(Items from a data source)
================

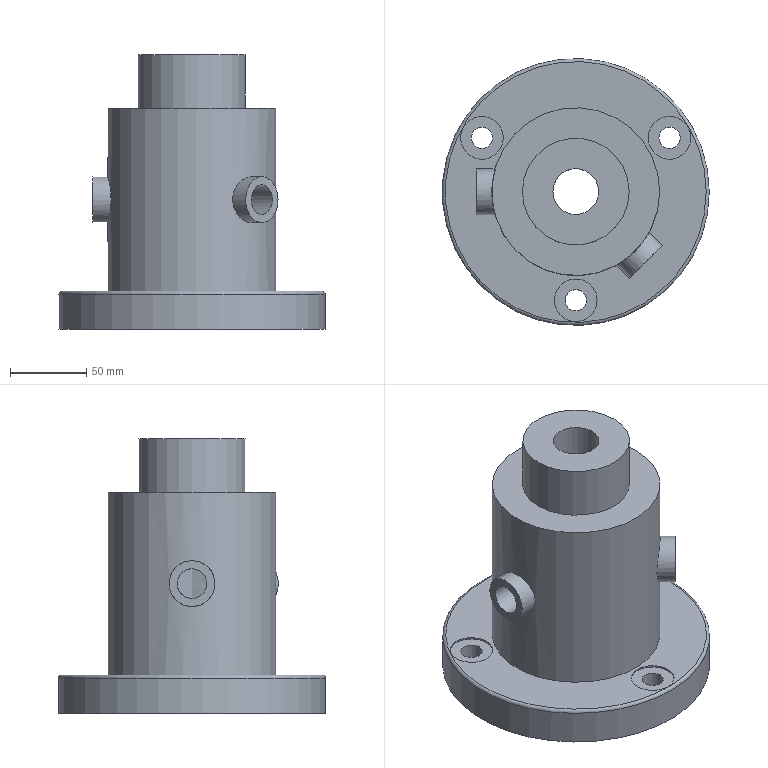Component | NX | VALVE_SEAT | 1 solid | 28 faces | volume 1539214 mm3 | cylinder 15 | plane 11 | cone 1 | torus 1 | commonest cylinder face diameters 14 x3 28 x3 30 x3 19.5 x2 110 x1 175 x1 70 x1 60 x1
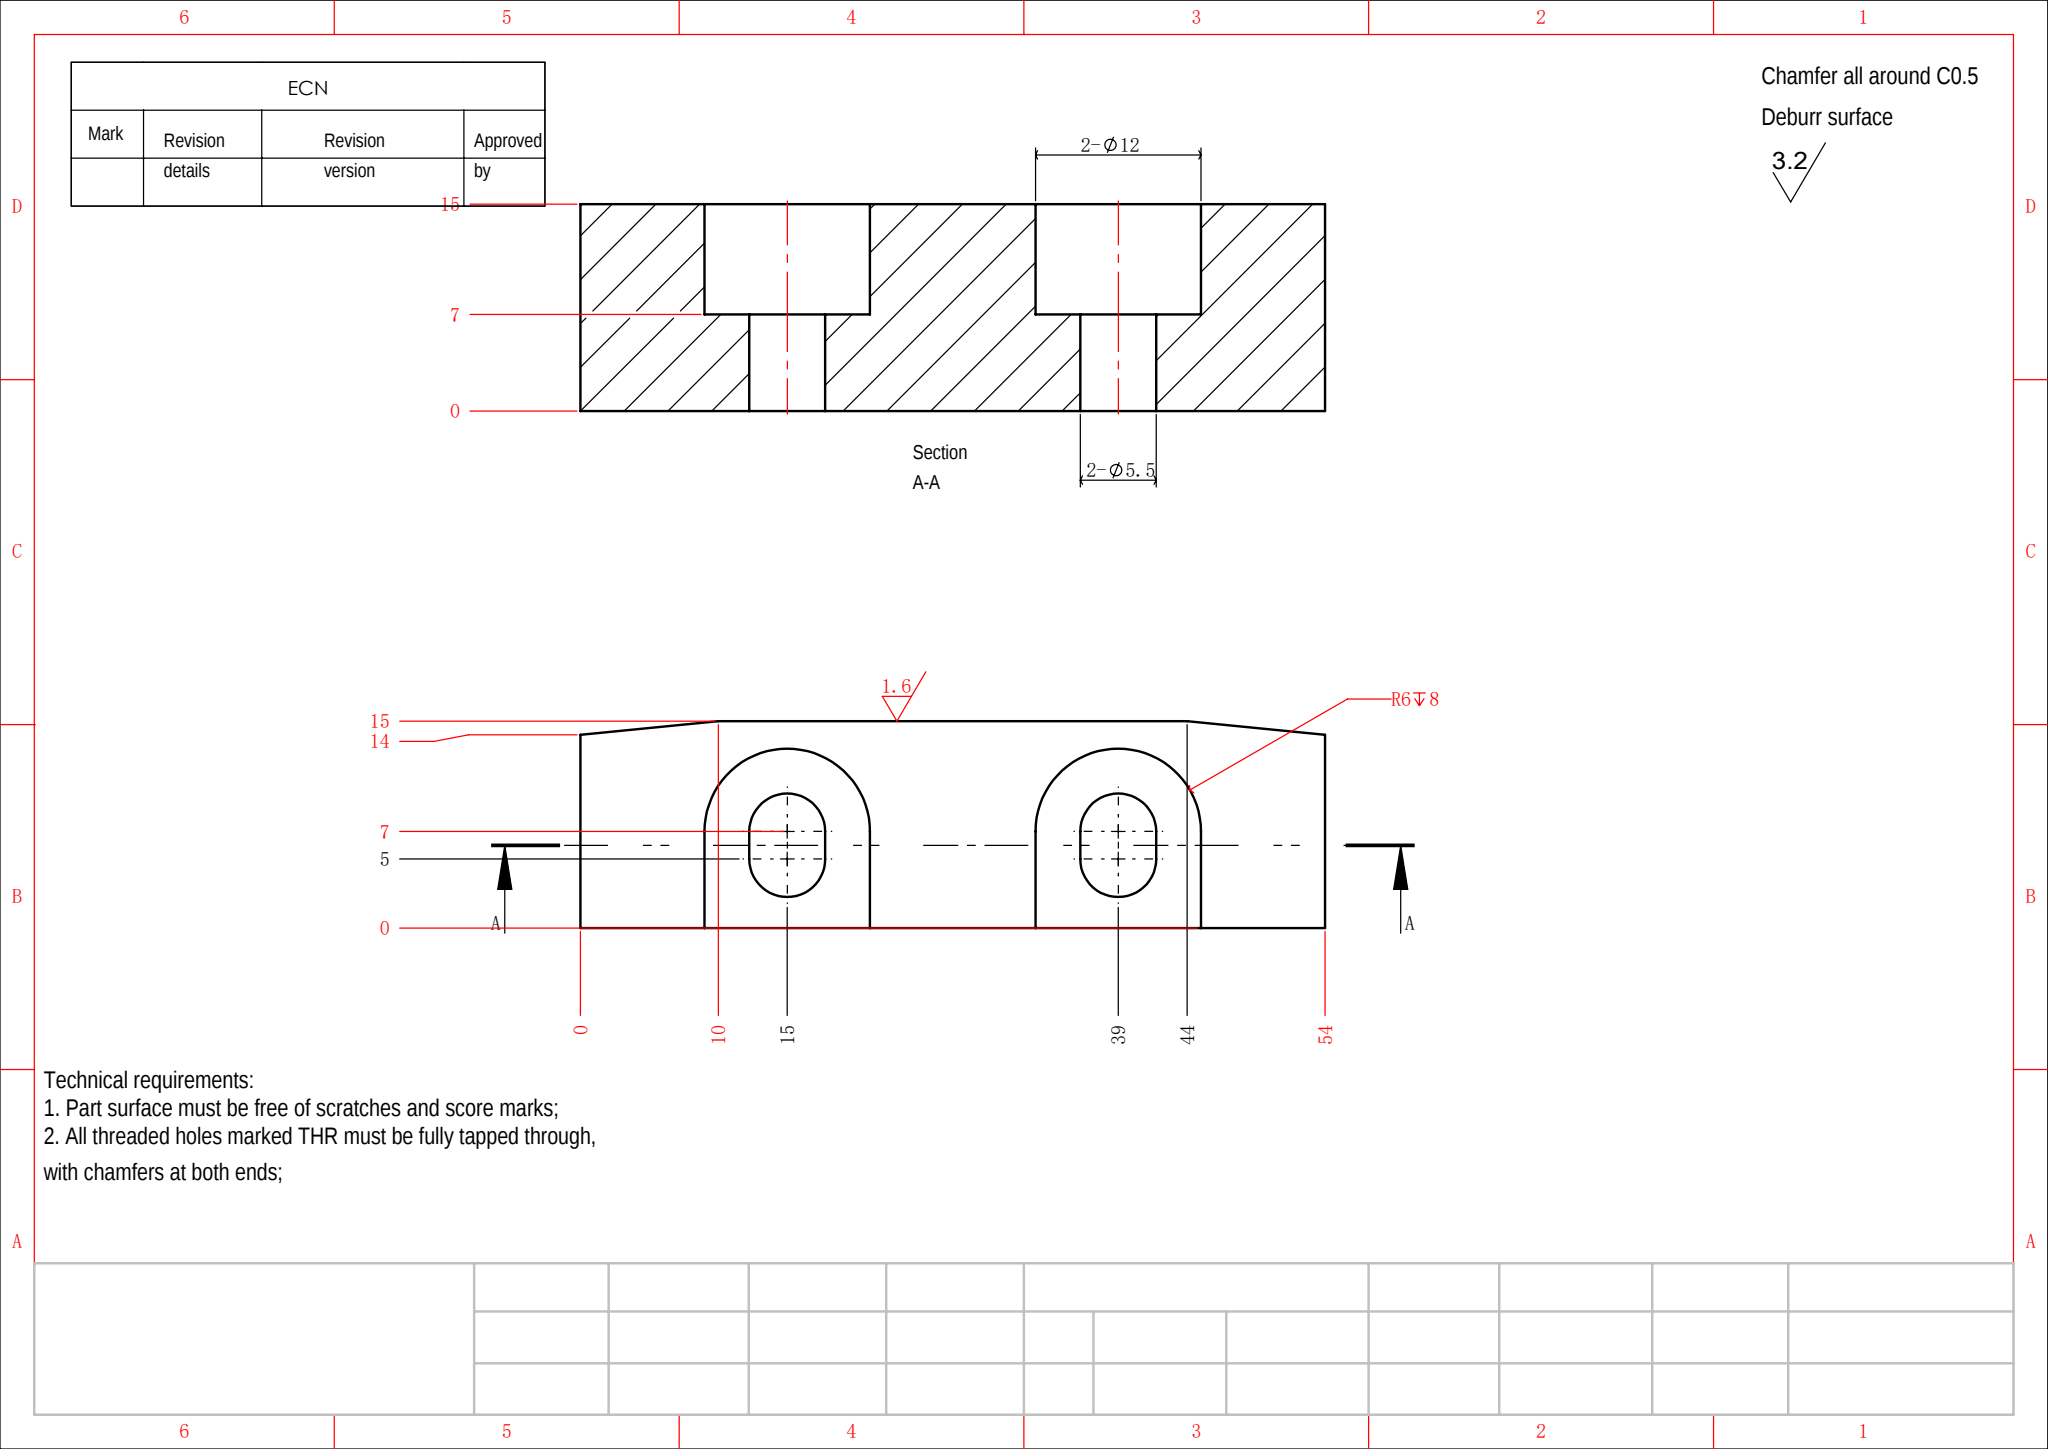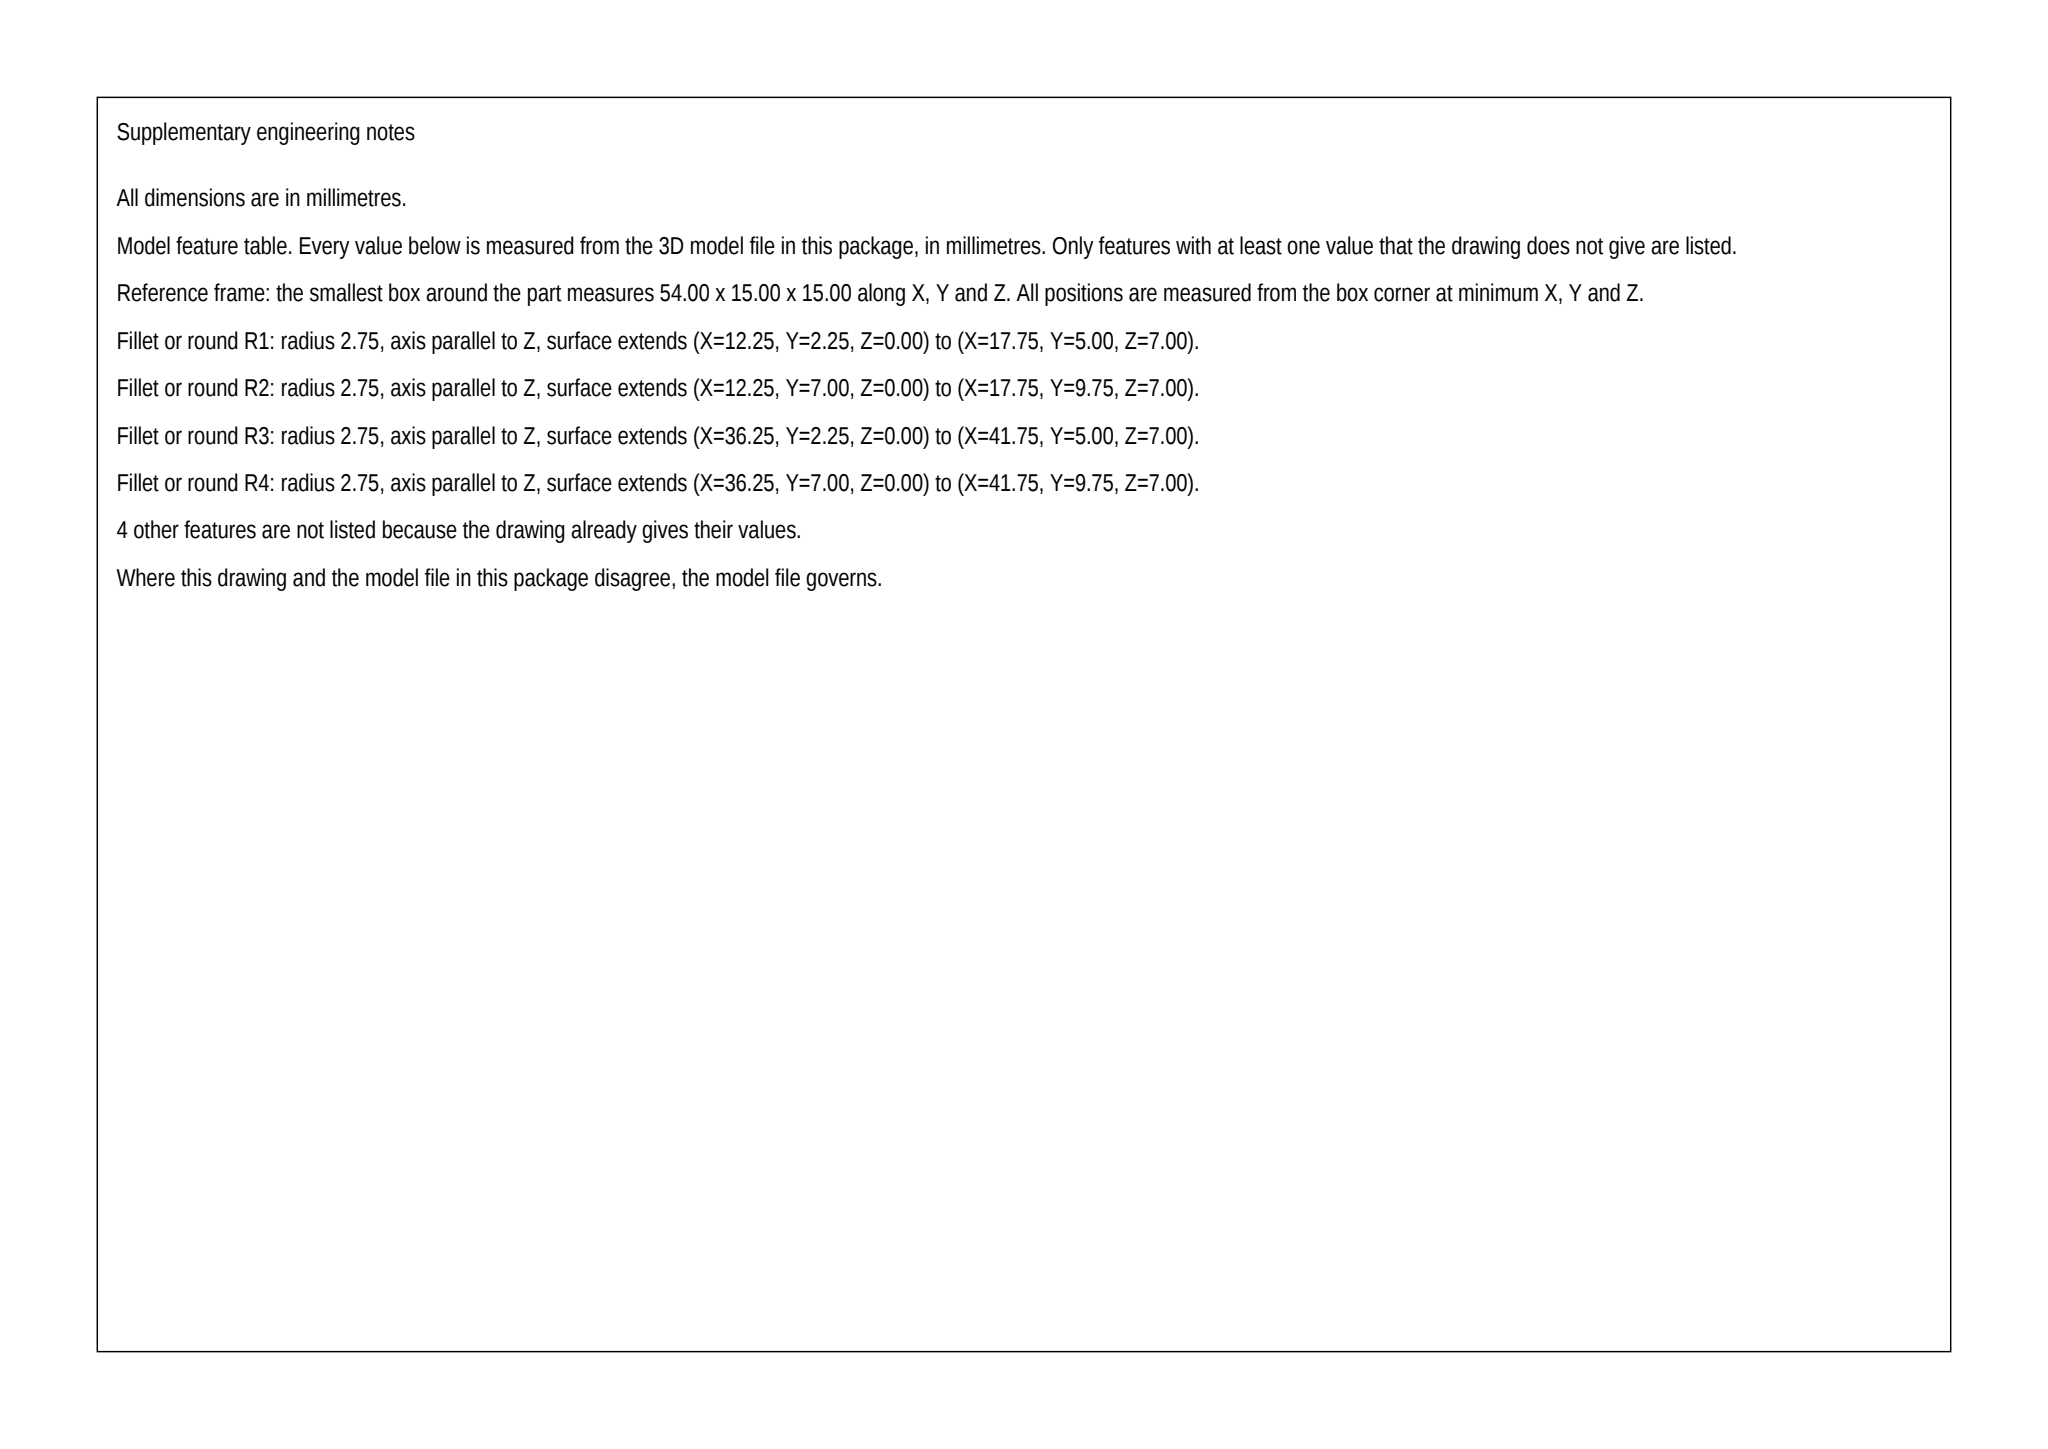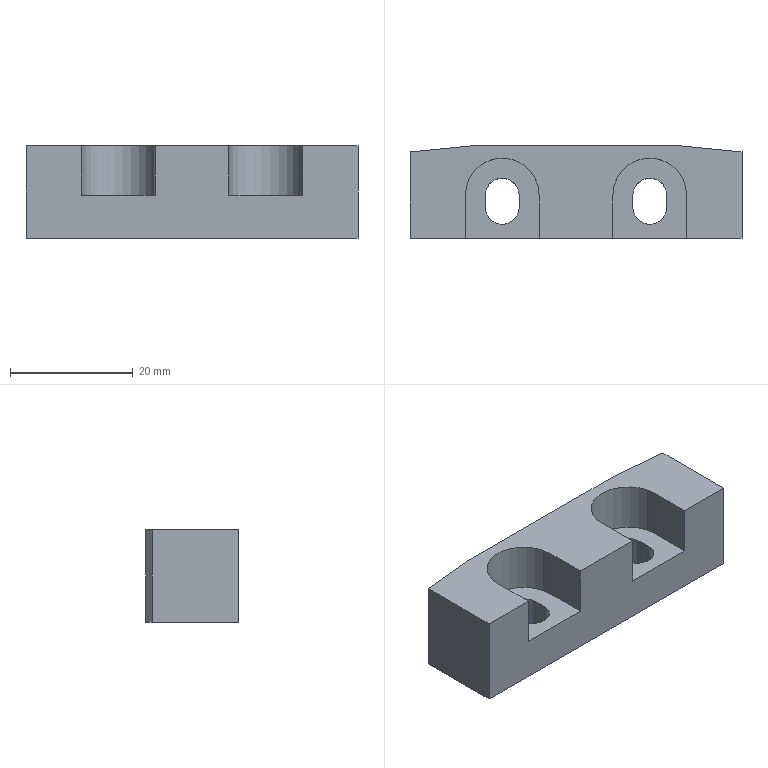Part | SolidWorks | mm | 1 solid | 24 faces | box 54 x 15 x 15 mm | volume 9265 mm3 | plane 18 | cylinder 6 | commonest cylinder face diameters 5.5 x4 12 x2
Drawing notes:
SECTION A-A: OVERALL HT 15 FROM BTM FACE (0 DATUM) | from the solid: z planes at 0.0 and 15.0; bbox_xyz z = 15.0
STEP:
#1=CARTESIAN_POINT('',(36.25,7.,0.));
#2=VERTEX_POINT('',#1);
#3=CARTESIAN_POINT('',(36.25,9.,0.));
#4=VERTEX_POINT('',#3);
#5=CARTESIAN_POINT('',(36.25,8.5,0.));
#6=DIRECTION('',(0.,1.,0.));
#7=VECTOR('',#6,1000.);
#8=LINE('',#5,#7);
#9=EDGE_CURVE('',#2,#4,#8,.T.);
#10=ORIENTED_EDGE('',*,*,#9,.F.);
#11=CARTESIAN_POINT('',(41.75,7.,0.));
#12=VERTEX_POINT('',#11);
#13=CARTESIAN_POINT('',(39.,7.,0.));
#14=DIRECTION('',(0.,0.,-1.));
#15=DIRECTION('',(-1.,0.,0.));
#16=AXIS2_PLACEMENT_3D('',#13,#14,#15);
#17=CIRCLE('',#16,2.75);
#18=EDGE_CURVE('',#12,#2,#17,.T.);
#19=ORIENTED_EDGE('',*,*,#18,.F.);
#20=CARTESIAN_POINT('',(41.75,9.,0.));
#21=VERTEX_POINT('',#20);
#22=CARTESIAN_POINT('',(41.75,8.5,0.));
#23=DIRECTION('',(0.,-1.,0.));
#24=VECTOR('',#23,1000.);
#25=LINE('',#22,#24);
#26=EDGE_CURVE('',#21,#12,#25,.T.);
#27=ORIENTED_EDGE('',*,*,#26,.F.);
#28=CARTESIAN_POINT('',(39.,9.,0.));
#29=DIRECTION('',(0.,0.,-1.));
#30=DIRECTION('',(-1.,0.,0.));
#31=AXIS2_PLACEMENT_3D('',#28,#29,#30);
#32=CIRCLE('',#31,2.75);
#33=EDGE_CURVE('',#4,#21,#32,.T.);
#34=ORIENTED_EDGE('',*,*,#33,.F.);
#35=EDGE_LOOP('',(#10,#19,#27,#34));
#36=FACE_BOUND('',#35,.T.);
#37=CARTESIAN_POINT('',(12.25,7.,0.));
#38=VERTEX_POINT('',#37);
#39=CARTESIAN_POINT('',(12.25,9.,0.));
#40=VERTEX_POINT('',#39);
#41=CARTESIAN_POINT('',(12.25,8.5,0.));
#42=DIRECTION('',(0.,1.,0.));
#43=VECTOR('',#42,1000.);
#44=LINE('',#41,#43);
#45=EDGE_CURVE('',#38,#40,#44,.T.);
#46=ORIENTED_EDGE('',*,*,#45,.F.);
#47=CARTESIAN_POINT('',(17.75,7.,0.));
#48=VERTEX_POINT('',#47);
#49=CARTESIAN_POINT('',(15.,7.,0.));
#50=DIRECTION('',(0.,0.,-1.));
#51=DIRECTION('',(-1.,0.,0.));
#52=AXIS2_PLACEMENT_3D('',#49,#50,#51);
#53=CIRCLE('',#52,2.75);
#54=EDGE_CURVE('',#48,#38,#53,.T.);
#55=ORIENTED_EDGE('',*,*,#54,.F.);
#56=CARTESIAN_POINT('',(17.75,9.,0.));
#57=VERTEX_POINT('',#56);
#58=CARTESIAN_POINT('',(17.75,8.5,0.));
#59=DIRECTION('',(0.,-1.,0.));
#60=VECTOR('',#59,1000.);
#61=LINE('',#58,#60);
#62=EDGE_CURVE('',#57,#48,#61,.T.);
#63=ORIENTED_EDGE('',*,*,#62,.F.);
#64=CARTESIAN_POINT('',(15.,9.,0.));
#65=DIRECTION('',(0.,0.,-1.));
#66=DIRECTION('',(-1.,0.,0.));
#67=AXIS2_PLACEMENT_3D('',#64,#65,#66);
#68=CIRCLE('',#67,2.75);
#69=EDGE_CURVE('',#40,#57,#68,.T.);
#70=ORIENTED_EDGE('',*,*,#69,.F.);
#71=EDGE_LOOP('',(#46,#55,#63,#70));
#72=FACE_BOUND('',#71,.T.);
#73=CARTESIAN_POINT('',(54.,2.,0.));
#74=VERTEX_POINT('',#73);
#75=CARTESIAN_POINT('',(54.,16.,0.));
#76=VERTEX_POINT('',#75);
#77=CARTESIAN_POINT('',(54.,8.5,0.));
#78=DIRECTION('',(0.,1.,0.));
#79=VECTOR('',#78,1000.);
#80=LINE('',#77,#79);
#81=EDGE_CURVE('',#74,#76,#80,.T.);
#82=ORIENTED_EDGE('',*,*,#81,.F.);
#83=CARTESIAN_POINT('',(-0.,2.,0.));
#84=VERTEX_POINT('',#83);
#85=CARTESIAN_POINT('',(27.,2.,0.));
#86=DIRECTION('',(1.,0.,0.));
#87=VECTOR('',#86,1000.);
#88=LINE('',#85,#87);
#89=EDGE_CURVE('',#84,#74,#88,.T.);
#90=ORIENTED_EDGE('',*,*,#89,.F.);
#91=CARTESIAN_POINT('',(-0.,16.,0.));
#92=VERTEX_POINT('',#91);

================

▶ EXERCISE REQUIREMENTS
Reproduce the lines of the entries above from the one with "#22=CARTESIAN_POINT('',(41.75,8.5,0.));" to the one with "#30=DIRECTION('',(-1.,0.,0.));", both included, exactly and without any other line.

▶ REPLY TO THE TASK
#22=CARTESIAN_POINT('',(41.75,8.5,0.));
#23=DIRECTION('',(0.,-1.,0.));
#24=VECTOR('',#23,1000.);
#25=LINE('',#22,#24);
#26=EDGE_CURVE('',#21,#12,#25,.T.);
#27=ORIENTED_EDGE('',*,*,#26,.F.);
#28=CARTESIAN_POINT('',(39.,9.,0.));
#29=DIRECTION('',(0.,0.,-1.));
#30=DIRECTION('',(-1.,0.,0.));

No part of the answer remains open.